[Provided material — start]
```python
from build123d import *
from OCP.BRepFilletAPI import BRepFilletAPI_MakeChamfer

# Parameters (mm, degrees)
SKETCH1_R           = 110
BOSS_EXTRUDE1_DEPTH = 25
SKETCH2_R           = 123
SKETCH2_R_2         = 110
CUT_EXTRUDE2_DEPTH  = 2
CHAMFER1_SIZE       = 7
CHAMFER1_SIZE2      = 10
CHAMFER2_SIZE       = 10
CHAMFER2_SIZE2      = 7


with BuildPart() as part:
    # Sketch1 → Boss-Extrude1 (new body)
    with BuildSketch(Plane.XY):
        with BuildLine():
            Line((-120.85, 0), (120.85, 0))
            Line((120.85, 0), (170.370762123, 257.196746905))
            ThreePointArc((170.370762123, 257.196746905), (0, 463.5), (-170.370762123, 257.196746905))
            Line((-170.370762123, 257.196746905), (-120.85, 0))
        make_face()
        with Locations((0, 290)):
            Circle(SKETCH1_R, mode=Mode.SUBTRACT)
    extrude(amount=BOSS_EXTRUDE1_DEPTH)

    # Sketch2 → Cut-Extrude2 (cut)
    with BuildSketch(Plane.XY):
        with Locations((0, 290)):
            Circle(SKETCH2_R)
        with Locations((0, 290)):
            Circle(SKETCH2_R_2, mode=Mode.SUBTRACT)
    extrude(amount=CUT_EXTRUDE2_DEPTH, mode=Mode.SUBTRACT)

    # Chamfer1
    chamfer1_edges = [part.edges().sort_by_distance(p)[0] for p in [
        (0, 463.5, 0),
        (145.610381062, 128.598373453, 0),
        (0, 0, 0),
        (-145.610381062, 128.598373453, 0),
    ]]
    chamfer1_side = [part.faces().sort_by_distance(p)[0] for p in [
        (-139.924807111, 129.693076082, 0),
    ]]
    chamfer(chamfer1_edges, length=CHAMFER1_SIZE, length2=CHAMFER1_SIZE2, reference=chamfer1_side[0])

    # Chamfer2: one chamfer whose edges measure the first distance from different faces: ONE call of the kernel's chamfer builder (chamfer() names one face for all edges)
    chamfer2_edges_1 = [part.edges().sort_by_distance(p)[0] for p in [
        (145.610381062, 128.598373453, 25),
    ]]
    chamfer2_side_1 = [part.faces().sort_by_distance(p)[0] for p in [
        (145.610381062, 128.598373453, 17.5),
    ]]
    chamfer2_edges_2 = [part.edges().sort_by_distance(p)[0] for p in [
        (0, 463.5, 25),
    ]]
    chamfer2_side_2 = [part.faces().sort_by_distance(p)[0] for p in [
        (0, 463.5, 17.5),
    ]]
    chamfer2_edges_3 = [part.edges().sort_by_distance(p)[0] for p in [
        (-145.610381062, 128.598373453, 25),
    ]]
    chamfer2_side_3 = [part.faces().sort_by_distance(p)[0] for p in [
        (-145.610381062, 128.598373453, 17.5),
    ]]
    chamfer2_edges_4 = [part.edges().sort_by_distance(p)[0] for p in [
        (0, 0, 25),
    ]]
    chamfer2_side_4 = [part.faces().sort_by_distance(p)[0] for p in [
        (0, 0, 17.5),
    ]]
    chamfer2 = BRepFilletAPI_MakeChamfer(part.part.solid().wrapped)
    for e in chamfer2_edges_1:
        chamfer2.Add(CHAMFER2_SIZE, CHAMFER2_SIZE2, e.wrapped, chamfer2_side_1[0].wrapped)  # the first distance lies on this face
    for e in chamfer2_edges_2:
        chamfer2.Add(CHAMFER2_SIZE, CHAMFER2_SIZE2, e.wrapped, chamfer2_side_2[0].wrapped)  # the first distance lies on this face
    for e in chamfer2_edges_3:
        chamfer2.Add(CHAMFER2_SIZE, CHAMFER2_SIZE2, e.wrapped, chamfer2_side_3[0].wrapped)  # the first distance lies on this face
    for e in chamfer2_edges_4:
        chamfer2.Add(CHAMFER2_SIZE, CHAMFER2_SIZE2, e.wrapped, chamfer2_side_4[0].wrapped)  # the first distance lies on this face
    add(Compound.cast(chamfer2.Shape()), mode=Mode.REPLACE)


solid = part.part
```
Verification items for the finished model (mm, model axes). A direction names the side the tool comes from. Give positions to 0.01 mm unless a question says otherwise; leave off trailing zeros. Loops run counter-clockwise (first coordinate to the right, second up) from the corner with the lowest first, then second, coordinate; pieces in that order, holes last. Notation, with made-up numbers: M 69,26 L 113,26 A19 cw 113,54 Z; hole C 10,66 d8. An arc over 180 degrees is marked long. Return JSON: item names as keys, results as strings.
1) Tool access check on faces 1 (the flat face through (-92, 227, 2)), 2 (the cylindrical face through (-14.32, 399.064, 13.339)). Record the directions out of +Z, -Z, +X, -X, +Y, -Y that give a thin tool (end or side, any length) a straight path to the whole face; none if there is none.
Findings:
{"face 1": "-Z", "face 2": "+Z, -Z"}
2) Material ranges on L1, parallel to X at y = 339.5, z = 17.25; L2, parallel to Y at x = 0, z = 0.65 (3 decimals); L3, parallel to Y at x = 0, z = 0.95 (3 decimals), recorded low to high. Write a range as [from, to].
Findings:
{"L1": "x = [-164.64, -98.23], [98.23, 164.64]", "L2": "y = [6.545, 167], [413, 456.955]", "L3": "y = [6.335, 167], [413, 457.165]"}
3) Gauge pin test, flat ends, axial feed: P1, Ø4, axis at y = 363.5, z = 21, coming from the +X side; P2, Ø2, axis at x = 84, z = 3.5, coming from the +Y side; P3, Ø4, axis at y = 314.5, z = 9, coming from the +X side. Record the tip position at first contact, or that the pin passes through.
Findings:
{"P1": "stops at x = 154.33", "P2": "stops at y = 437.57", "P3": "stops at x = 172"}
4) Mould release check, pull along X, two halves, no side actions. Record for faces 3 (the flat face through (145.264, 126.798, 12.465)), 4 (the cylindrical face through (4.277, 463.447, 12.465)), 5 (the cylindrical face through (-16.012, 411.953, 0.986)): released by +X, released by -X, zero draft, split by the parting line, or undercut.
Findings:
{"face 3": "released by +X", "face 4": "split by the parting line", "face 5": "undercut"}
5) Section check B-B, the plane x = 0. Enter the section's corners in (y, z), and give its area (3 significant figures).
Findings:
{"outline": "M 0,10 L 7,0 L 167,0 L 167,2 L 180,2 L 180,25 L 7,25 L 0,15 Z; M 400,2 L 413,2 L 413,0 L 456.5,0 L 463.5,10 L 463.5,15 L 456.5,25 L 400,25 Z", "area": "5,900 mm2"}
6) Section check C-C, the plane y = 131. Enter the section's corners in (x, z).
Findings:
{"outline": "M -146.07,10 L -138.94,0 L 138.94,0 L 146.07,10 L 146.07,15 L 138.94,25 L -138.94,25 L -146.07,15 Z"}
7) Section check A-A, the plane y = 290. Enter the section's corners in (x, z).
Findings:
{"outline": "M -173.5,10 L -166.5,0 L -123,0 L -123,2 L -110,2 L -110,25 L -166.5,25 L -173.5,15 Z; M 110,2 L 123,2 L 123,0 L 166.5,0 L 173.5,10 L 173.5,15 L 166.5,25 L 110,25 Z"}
[Provided material — finish]
• **Aim of the exercise**
Transcribe the material above in full, keeping every word.

• **Response**
```python
from build123d import *
from OCP.BRepFilletAPI import BRepFilletAPI_MakeChamfer

# Parameters (mm, degrees)
SKETCH1_R           = 110
BOSS_EXTRUDE1_DEPTH = 25
SKETCH2_R           = 123
SKETCH2_R_2         = 110
CUT_EXTRUDE2_DEPTH  = 2
CHAMFER1_SIZE       = 7
CHAMFER1_SIZE2      = 10
CHAMFER2_SIZE       = 10
CHAMFER2_SIZE2      = 7


with BuildPart() as part:
    # Sketch1 → Boss-Extrude1 (new body)
    with BuildSketch(Plane.XY):
        with BuildLine():
            Line((-120.85, 0), (120.85, 0))
            Line((120.85, 0), (170.370762123, 257.196746905))
            ThreePointArc((170.370762123, 257.196746905), (0, 463.5), (-170.370762123, 257.196746905))
            Line((-170.370762123, 257.196746905), (-120.85, 0))
        make_face()
        with Locations((0, 290)):
            Circle(SKETCH1_R, mode=Mode.SUBTRACT)
    extrude(amount=BOSS_EXTRUDE1_DEPTH)

    # Sketch2 → Cut-Extrude2 (cut)
    with BuildSketch(Plane.XY):
        with Locations((0, 290)):
            Circle(SKETCH2_R)
        with Locations((0, 290)):
            Circle(SKETCH2_R_2, mode=Mode.SUBTRACT)
    extrude(amount=CUT_EXTRUDE2_DEPTH, mode=Mode.SUBTRACT)

    # Chamfer1
    chamfer1_edges = [part.edges().sort_by_distance(p)[0] for p in [
        (0, 463.5, 0),
        (145.610381062, 128.598373453, 0),
        (0, 0, 0),
        (-145.610381062, 128.598373453, 0),
    ]]
    chamfer1_side = [part.faces().sort_by_distance(p)[0] for p in [
        (-139.924807111, 129.693076082, 0),
    ]]
    chamfer(chamfer1_edges, length=CHAMFER1_SIZE, length2=CHAMFER1_SIZE2, reference=chamfer1_side[0])

    # Chamfer2: one chamfer whose edges measure the first distance from different faces: ONE call of the kernel's chamfer builder (chamfer() names one face for all edges)
    chamfer2_edges_1 = [part.edges().sort_by_distance(p)[0] for p in [
        (145.610381062, 128.598373453, 25),
    ]]
    chamfer2_side_1 = [part.faces().sort_by_distance(p)[0] for p in [
        (145.610381062, 128.598373453, 17.5),
    ]]
    chamfer2_edges_2 = [part.edges().sort_by_distance(p)[0] for p in [
        (0, 463.5, 25),
    ]]
    chamfer2_side_2 = [part.faces().sort_by_distance(p)[0] for p in [
        (0, 463.5, 17.5),
    ]]
    chamfer2_edges_3 = [part.edges().sort_by_distance(p)[0] for p in [
        (-145.610381062, 128.598373453, 25),
    ]]
    chamfer2_side_3 = [part.faces().sort_by_distance(p)[0] for p in [
        (-145.610381062, 128.598373453, 17.5),
    ]]
    chamfer2_edges_4 = [part.edges().sort_by_distance(p)[0] for p in [
        (0, 0, 25),
    ]]
    chamfer2_side_4 = [part.faces().sort_by_distance(p)[0] for p in [
        (0, 0, 17.5),
    ]]
    chamfer2 = BRepFilletAPI_MakeChamfer(part.part.solid().wrapped)
    for e in chamfer2_edges_1:
        chamfer2.Add(CHAMFER2_SIZE, CHAMFER2_SIZE2, e.wrapped, chamfer2_side_1[0].wrapped)  # the first distance lies on this face
    for e in chamfer2_edges_2:
        chamfer2.Add(CHAMFER2_SIZE, CHAMFER2_SIZE2, e.wrapped, chamfer2_side_2[0].wrapped)  # the first distance lies on this face
    for e in chamfer2_edges_3:
        chamfer2.Add(CHAMFER2_SIZE, CHAMFER2_SIZE2, e.wrapped, chamfer2_side_3[0].wrapped)  # the first distance lies on this face
    for e in chamfer2_edges_4:
        chamfer2.Add(CHAMFER2_SIZE, CHAMFER2_SIZE2, e.wrapped, chamfer2_side_4[0].wrapped)  # the first distance lies on this face
    add(Compound.cast(chamfer2.Shape()), mode=Mode.REPLACE)


solid = part.part
```
Verification items for the finished model (mm, model axes). A direction names the side the tool comes from. Give positions to 0.01 mm unless a question says otherwise; leave off trailing zeros. Loops run counter-clockwise (first coordinate to the right, second up) from the corner with the lowest first, then second, coordinate; pieces in that order, holes last. Notation, with made-up numbers: M 69,26 L 113,26 A19 cw 113,54 Z; hole C 10,66 d8. An arc over 180 degrees is marked long. Return JSON: item names as keys, results as strings.
1) Tool access check on faces 1 (the flat face through (-92, 227, 2)), 2 (the cylindrical face through (-14.32, 399.064, 13.339)). Record the directions out of +Z, -Z, +X, -X, +Y, -Y that give a thin tool (end or side, any length) a straight path to the whole face; none if there is none.
Findings:
{"face 1": "-Z", "face 2": "+Z, -Z"}
2) Material ranges on L1, parallel to X at y = 339.5, z = 17.25; L2, parallel to Y at x = 0, z = 0.65 (3 decimals); L3, parallel to Y at x = 0, z = 0.95 (3 decimals), recorded low to high. Write a range as [from, to].
Findings:
{"L1": "x = [-164.64, -98.23], [98.23, 164.64]", "L2": "y = [6.545, 167], [413, 456.955]", "L3": "y = [6.335, 167], [413, 457.165]"}
3) Gauge pin test, flat ends, axial feed: P1, Ø4, axis at y = 363.5, z = 21, coming from the +X side; P2, Ø2, axis at x = 84, z = 3.5, coming from the +Y side; P3, Ø4, axis at y = 314.5, z = 9, coming from the +X side. Record the tip position at first contact, or that the pin passes through.
Findings:
{"P1": "stops at x = 154.33", "P2": "stops at y = 437.57", "P3": "stops at x = 172"}
4) Mould release check, pull along X, two halves, no side actions. Record for faces 3 (the flat face through (145.264, 126.798, 12.465)), 4 (the cylindrical face through (4.277, 463.447, 12.465)), 5 (the cylindrical face through (-16.012, 411.953, 0.986)): released by +X, released by -X, zero draft, split by the parting line, or undercut.
Findings:
{"face 3": "released by +X", "face 4": "split by the parting line", "face 5": "undercut"}
5) Section check B-B, the plane x = 0. Enter the section's corners in (y, z), and give its area (3 significant figures).
Findings:
{"outline": "M 0,10 L 7,0 L 167,0 L 167,2 L 180,2 L 180,25 L 7,25 L 0,15 Z; M 400,2 L 413,2 L 413,0 L 456.5,0 L 463.5,10 L 463.5,15 L 456.5,25 L 400,25 Z", "area": "5,900 mm2"}
6) Section check C-C, the plane y = 131. Enter the section's corners in (x, z).
Findings:
{"outline": "M -146.07,10 L -138.94,0 L 138.94,0 L 146.07,10 L 146.07,15 L 138.94,25 L -138.94,25 L -146.07,15 Z"}
7) Section check A-A, the plane y = 290. Enter the section's corners in (x, z).
Findings:
{"outline": "M -173.5,10 L -166.5,0 L -123,0 L -123,2 L -110,2 L -110,25 L -166.5,25 L -173.5,15 Z; M 110,2 L 123,2 L 123,0 L 166.5,0 L 173.5,10 L 173.5,15 L 166.5,25 L 110,25 Z"}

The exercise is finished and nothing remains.